Activity ->
Starting at the first line of the listing below, repeat each line up to and including the one containing "#29=CARTESIAN_POINT('',(9.425,-1.));". Leave out pictures.
== Exercise data
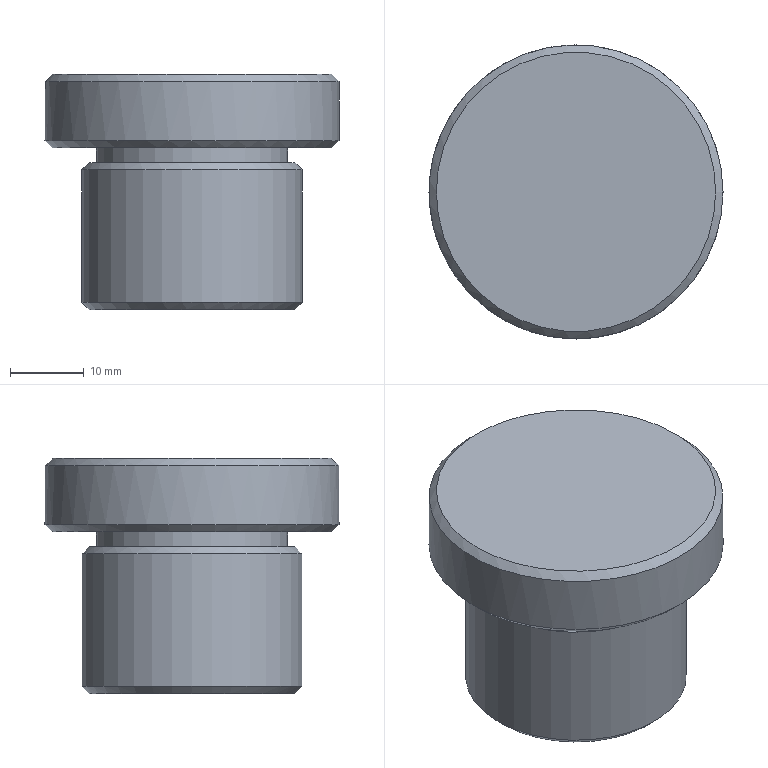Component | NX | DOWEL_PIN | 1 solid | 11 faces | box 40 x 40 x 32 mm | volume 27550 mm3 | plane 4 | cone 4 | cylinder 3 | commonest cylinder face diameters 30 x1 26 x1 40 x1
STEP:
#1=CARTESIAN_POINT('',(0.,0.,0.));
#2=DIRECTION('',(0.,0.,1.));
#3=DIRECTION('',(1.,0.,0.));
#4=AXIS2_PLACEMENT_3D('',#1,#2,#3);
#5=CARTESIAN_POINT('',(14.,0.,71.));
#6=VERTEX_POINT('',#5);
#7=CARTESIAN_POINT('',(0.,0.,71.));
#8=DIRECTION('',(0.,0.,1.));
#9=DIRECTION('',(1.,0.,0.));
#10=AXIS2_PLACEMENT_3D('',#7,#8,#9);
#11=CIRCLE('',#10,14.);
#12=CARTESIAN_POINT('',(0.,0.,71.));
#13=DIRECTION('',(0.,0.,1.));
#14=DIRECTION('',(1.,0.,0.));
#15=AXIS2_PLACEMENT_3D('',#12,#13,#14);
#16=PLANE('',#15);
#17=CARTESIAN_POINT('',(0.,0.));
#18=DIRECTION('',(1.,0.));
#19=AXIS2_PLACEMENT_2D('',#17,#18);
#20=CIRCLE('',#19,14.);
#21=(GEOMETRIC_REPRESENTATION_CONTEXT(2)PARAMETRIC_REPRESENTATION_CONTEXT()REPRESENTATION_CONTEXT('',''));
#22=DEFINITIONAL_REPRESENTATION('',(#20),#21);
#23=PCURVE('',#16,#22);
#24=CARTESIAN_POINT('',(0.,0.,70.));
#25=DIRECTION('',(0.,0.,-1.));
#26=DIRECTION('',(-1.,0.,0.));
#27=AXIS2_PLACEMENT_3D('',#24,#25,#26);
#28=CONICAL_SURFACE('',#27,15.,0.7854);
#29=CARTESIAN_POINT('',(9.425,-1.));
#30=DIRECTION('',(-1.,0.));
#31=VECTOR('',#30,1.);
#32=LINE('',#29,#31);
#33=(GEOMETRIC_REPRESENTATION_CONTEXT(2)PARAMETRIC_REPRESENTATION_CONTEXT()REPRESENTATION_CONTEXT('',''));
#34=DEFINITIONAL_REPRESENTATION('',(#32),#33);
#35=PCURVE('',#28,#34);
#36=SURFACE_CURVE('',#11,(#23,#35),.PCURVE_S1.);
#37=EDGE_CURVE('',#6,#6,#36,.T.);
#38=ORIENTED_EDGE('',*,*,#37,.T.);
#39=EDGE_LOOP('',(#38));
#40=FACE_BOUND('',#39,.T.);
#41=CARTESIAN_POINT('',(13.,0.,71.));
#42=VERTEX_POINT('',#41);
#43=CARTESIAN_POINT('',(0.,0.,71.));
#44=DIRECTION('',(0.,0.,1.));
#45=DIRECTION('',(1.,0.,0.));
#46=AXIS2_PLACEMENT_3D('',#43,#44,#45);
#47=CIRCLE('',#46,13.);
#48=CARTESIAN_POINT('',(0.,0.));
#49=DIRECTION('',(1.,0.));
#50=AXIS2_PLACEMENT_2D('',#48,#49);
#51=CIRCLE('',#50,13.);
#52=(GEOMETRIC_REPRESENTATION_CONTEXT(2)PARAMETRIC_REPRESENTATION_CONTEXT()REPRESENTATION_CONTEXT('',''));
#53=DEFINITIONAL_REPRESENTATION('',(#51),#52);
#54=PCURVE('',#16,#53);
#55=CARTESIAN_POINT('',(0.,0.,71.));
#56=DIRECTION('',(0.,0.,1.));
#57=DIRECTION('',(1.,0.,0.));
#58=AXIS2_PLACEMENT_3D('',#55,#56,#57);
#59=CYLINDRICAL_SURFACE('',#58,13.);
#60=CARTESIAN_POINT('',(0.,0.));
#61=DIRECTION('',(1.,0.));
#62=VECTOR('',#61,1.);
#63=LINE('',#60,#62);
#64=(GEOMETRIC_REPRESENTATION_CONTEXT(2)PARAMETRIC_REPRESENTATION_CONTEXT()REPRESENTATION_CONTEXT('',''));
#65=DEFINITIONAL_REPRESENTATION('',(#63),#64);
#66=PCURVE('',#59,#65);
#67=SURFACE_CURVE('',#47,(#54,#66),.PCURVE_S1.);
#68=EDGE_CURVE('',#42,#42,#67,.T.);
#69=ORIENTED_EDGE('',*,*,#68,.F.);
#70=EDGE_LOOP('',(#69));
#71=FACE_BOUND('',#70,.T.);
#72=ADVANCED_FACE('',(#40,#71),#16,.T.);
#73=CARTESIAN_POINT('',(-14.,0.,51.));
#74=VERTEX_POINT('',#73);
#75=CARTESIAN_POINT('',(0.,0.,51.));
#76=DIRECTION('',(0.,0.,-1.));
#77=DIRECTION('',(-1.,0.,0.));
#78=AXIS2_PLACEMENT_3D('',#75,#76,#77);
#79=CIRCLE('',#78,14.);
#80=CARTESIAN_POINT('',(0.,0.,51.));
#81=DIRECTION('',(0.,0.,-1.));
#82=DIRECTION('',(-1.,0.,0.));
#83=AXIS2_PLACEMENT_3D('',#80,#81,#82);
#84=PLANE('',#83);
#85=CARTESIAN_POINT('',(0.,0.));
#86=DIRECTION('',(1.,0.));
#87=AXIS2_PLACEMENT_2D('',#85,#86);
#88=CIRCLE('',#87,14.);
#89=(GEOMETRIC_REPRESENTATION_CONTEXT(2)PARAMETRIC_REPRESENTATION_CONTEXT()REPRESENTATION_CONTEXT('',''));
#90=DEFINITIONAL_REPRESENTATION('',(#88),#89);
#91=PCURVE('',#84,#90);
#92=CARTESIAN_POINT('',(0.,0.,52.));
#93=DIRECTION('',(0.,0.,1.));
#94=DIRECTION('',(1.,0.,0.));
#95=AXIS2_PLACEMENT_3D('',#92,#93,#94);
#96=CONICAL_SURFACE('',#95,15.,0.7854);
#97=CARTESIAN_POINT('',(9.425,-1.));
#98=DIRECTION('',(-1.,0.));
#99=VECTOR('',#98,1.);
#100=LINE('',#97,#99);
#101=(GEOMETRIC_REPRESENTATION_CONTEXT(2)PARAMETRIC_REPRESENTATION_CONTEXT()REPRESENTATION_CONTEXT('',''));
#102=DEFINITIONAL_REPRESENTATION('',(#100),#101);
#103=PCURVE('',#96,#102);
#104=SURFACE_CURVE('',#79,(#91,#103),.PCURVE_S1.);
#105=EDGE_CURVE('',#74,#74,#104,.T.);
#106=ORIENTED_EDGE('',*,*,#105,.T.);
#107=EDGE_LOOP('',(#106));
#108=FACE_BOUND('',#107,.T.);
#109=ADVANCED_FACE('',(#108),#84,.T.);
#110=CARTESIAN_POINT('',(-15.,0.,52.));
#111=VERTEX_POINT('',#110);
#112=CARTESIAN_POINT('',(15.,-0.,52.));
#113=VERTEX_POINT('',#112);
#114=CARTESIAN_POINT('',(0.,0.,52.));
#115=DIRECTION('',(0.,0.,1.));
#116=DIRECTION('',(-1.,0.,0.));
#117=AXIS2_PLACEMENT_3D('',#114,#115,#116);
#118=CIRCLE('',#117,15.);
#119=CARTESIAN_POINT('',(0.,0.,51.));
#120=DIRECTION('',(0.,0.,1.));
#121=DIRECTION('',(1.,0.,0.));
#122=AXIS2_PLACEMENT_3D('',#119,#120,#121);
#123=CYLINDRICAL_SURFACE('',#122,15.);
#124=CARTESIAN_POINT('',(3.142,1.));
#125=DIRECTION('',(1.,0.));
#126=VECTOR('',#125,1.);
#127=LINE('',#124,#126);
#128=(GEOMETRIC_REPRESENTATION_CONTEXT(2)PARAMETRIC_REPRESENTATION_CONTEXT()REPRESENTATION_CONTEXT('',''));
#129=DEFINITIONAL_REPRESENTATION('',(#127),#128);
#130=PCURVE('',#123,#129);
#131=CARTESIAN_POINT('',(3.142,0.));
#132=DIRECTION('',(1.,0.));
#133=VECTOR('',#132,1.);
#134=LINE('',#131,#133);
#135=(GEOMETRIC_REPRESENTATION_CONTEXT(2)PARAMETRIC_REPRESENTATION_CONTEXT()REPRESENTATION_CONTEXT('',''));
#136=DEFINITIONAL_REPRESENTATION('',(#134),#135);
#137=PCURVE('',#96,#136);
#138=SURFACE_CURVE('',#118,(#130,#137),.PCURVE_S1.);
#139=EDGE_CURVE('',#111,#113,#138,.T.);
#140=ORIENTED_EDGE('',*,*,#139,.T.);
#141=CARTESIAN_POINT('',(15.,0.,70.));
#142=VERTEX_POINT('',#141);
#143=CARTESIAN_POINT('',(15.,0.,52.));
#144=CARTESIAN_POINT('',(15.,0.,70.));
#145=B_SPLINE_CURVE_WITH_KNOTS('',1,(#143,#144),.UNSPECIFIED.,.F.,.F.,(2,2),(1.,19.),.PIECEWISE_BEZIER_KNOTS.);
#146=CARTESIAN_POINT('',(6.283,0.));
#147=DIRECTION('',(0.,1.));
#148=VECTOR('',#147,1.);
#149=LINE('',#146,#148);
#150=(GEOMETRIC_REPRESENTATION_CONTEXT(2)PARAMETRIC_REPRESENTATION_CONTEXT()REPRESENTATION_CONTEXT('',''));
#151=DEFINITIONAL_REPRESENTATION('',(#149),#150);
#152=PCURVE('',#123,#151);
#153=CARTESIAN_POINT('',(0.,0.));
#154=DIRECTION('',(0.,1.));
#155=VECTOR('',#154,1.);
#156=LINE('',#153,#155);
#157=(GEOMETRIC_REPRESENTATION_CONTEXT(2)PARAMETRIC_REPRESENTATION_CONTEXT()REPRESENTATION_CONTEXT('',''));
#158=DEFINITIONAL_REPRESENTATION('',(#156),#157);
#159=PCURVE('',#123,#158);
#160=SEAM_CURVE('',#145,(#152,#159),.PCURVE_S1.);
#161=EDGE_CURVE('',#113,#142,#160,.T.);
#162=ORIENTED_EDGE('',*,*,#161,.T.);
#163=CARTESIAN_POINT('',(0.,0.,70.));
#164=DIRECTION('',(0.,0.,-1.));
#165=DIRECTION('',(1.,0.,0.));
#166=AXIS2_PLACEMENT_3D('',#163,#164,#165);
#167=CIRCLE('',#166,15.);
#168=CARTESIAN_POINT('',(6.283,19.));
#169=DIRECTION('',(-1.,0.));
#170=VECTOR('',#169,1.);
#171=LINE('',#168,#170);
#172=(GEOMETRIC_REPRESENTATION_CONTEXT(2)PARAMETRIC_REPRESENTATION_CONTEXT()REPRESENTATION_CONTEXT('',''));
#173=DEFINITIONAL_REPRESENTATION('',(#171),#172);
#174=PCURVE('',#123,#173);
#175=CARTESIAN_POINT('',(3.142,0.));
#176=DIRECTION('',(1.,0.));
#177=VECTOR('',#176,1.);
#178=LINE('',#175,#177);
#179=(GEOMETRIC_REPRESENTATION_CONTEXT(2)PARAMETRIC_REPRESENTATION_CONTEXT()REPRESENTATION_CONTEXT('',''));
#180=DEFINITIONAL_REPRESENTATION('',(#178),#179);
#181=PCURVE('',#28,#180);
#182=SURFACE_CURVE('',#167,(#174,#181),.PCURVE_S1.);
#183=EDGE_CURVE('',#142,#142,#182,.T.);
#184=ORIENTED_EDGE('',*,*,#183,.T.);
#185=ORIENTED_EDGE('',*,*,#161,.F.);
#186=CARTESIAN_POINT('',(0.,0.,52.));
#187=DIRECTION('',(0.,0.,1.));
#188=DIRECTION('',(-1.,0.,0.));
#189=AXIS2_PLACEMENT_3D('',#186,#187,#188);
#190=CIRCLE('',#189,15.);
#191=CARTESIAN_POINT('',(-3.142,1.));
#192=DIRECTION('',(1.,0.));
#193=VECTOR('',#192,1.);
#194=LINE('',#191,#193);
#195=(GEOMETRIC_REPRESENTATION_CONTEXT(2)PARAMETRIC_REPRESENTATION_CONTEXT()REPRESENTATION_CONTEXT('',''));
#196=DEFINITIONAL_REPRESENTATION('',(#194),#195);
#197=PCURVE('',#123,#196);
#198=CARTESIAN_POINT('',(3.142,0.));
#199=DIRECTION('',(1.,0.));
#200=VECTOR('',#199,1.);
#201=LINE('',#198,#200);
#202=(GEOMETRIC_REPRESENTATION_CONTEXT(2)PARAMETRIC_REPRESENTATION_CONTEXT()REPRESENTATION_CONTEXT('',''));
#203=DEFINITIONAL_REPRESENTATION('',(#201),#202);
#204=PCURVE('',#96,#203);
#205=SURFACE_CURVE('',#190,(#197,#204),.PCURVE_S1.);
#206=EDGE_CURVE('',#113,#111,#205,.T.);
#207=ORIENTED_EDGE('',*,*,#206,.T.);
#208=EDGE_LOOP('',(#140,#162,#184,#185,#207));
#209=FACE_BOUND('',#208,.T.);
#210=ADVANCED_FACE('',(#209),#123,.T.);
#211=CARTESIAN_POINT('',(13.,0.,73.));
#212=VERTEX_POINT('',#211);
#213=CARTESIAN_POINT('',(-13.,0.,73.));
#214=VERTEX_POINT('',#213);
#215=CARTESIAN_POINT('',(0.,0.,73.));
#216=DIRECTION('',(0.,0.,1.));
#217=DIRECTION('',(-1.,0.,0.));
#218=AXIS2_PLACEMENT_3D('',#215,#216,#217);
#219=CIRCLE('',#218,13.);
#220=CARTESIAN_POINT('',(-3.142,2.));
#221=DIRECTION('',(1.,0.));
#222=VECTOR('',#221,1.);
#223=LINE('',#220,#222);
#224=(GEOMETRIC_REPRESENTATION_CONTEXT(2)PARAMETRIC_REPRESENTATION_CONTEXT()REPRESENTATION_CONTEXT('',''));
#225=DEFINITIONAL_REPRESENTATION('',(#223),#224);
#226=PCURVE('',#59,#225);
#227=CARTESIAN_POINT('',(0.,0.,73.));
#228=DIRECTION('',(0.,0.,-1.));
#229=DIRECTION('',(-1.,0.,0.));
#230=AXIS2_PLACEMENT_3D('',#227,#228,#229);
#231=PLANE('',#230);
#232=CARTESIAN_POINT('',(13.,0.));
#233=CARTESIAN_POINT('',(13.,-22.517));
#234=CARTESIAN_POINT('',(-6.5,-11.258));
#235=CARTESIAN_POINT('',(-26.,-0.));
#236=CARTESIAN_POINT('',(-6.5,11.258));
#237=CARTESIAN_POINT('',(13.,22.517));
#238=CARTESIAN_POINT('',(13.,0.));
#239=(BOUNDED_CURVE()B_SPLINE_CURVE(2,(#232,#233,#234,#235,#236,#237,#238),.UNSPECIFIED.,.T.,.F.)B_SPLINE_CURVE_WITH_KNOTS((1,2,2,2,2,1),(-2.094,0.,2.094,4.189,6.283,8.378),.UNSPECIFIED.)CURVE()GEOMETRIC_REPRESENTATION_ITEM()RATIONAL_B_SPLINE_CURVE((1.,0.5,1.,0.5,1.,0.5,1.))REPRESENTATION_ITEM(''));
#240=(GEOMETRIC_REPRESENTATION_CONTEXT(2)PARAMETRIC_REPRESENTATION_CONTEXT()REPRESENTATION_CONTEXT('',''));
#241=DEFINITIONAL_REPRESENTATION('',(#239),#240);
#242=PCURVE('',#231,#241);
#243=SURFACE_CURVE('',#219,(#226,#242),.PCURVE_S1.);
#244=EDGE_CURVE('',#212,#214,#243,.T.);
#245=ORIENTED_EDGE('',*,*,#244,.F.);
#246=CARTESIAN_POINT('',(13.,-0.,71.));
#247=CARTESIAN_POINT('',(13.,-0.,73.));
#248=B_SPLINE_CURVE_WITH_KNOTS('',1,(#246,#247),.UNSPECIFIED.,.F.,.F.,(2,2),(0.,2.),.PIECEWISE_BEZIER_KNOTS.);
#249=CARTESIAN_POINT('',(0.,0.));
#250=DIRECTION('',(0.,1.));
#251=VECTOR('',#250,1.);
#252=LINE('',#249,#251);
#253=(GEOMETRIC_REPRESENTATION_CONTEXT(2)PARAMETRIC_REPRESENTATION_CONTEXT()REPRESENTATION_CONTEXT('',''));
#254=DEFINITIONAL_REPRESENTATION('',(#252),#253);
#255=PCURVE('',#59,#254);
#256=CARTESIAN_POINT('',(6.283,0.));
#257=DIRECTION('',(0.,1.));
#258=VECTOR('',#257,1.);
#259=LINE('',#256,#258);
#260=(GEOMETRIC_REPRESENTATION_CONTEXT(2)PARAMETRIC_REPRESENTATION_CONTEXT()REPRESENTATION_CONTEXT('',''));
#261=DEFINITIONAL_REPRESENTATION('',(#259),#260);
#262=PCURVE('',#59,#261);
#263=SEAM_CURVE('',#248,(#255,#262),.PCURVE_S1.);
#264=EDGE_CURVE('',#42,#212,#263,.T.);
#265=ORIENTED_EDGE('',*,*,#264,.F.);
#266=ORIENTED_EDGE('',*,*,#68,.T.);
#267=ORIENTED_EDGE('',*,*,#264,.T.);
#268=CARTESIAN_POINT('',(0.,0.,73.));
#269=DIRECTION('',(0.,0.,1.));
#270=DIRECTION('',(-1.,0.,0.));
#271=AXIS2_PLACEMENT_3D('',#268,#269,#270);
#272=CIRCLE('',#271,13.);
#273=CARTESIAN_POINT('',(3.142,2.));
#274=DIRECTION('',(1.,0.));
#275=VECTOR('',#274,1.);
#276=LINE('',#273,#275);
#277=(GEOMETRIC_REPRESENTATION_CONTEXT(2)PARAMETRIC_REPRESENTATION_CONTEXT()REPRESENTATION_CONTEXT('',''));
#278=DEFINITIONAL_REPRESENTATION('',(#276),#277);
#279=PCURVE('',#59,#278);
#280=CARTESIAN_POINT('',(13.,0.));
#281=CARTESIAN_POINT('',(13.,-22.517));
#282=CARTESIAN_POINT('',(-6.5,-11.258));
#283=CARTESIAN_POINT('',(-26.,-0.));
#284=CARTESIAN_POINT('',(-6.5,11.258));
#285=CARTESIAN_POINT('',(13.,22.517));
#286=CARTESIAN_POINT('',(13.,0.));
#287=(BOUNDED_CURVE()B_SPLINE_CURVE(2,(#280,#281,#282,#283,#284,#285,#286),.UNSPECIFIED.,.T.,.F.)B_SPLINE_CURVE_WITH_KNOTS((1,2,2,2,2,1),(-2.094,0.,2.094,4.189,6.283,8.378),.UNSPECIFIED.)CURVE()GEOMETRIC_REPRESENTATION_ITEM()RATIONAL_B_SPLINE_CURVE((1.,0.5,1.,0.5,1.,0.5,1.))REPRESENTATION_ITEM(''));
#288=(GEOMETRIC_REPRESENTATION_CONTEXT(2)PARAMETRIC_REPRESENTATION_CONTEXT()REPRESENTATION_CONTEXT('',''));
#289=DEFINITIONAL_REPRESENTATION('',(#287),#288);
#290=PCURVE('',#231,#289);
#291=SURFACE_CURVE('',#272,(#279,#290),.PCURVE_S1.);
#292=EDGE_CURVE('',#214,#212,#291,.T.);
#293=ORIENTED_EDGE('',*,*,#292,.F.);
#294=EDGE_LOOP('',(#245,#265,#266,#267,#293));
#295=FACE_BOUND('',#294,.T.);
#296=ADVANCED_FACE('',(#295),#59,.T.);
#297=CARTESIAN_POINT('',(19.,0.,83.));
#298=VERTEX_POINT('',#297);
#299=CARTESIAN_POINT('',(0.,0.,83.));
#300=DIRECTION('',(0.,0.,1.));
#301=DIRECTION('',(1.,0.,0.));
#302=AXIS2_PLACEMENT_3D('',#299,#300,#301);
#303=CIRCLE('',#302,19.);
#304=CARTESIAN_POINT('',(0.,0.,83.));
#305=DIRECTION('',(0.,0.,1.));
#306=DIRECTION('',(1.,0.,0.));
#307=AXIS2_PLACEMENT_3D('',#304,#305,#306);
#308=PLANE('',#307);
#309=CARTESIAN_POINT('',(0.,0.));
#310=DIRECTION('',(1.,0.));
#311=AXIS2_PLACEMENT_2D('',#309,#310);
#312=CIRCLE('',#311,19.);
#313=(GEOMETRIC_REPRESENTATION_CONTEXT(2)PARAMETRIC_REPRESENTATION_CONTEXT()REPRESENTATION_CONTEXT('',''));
====
Exercise response ->
Component | NX | DOWEL_PIN | 1 solid | 11 faces | box 40 x 40 x 32 mm | volume 27550 mm3 | plane 4 | cone 4 | cylinder 3 | commonest cylinder face diameters 30 x1 26 x1 40 x1
STEP:
#1=CARTESIAN_POINT('',(0.,0.,0.));
#2=DIRECTION('',(0.,0.,1.));
#3=DIRECTION('',(1.,0.,0.));
#4=AXIS2_PLACEMENT_3D('',#1,#2,#3);
#5=CARTESIAN_POINT('',(14.,0.,71.));
#6=VERTEX_POINT('',#5);
#7=CARTESIAN_POINT('',(0.,0.,71.));
#8=DIRECTION('',(0.,0.,1.));
#9=DIRECTION('',(1.,0.,0.));
#10=AXIS2_PLACEMENT_3D('',#7,#8,#9);
#11=CIRCLE('',#10,14.);
#12=CARTESIAN_POINT('',(0.,0.,71.));
#13=DIRECTION('',(0.,0.,1.));
#14=DIRECTION('',(1.,0.,0.));
#15=AXIS2_PLACEMENT_3D('',#12,#13,#14);
#16=PLANE('',#15);
#17=CARTESIAN_POINT('',(0.,0.));
#18=DIRECTION('',(1.,0.));
#19=AXIS2_PLACEMENT_2D('',#17,#18);
#20=CIRCLE('',#19,14.);
#21=(GEOMETRIC_REPRESENTATION_CONTEXT(2)PARAMETRIC_REPRESENTATION_CONTEXT()REPRESENTATION_CONTEXT('',''));
#22=DEFINITIONAL_REPRESENTATION('',(#20),#21);
#23=PCURVE('',#16,#22);
#24=CARTESIAN_POINT('',(0.,0.,70.));
#25=DIRECTION('',(0.,0.,-1.));
#26=DIRECTION('',(-1.,0.,0.));
#27=AXIS2_PLACEMENT_3D('',#24,#25,#26);
#28=CONICAL_SURFACE('',#27,15.,0.7854);
#29=CARTESIAN_POINT('',(9.425,-1.));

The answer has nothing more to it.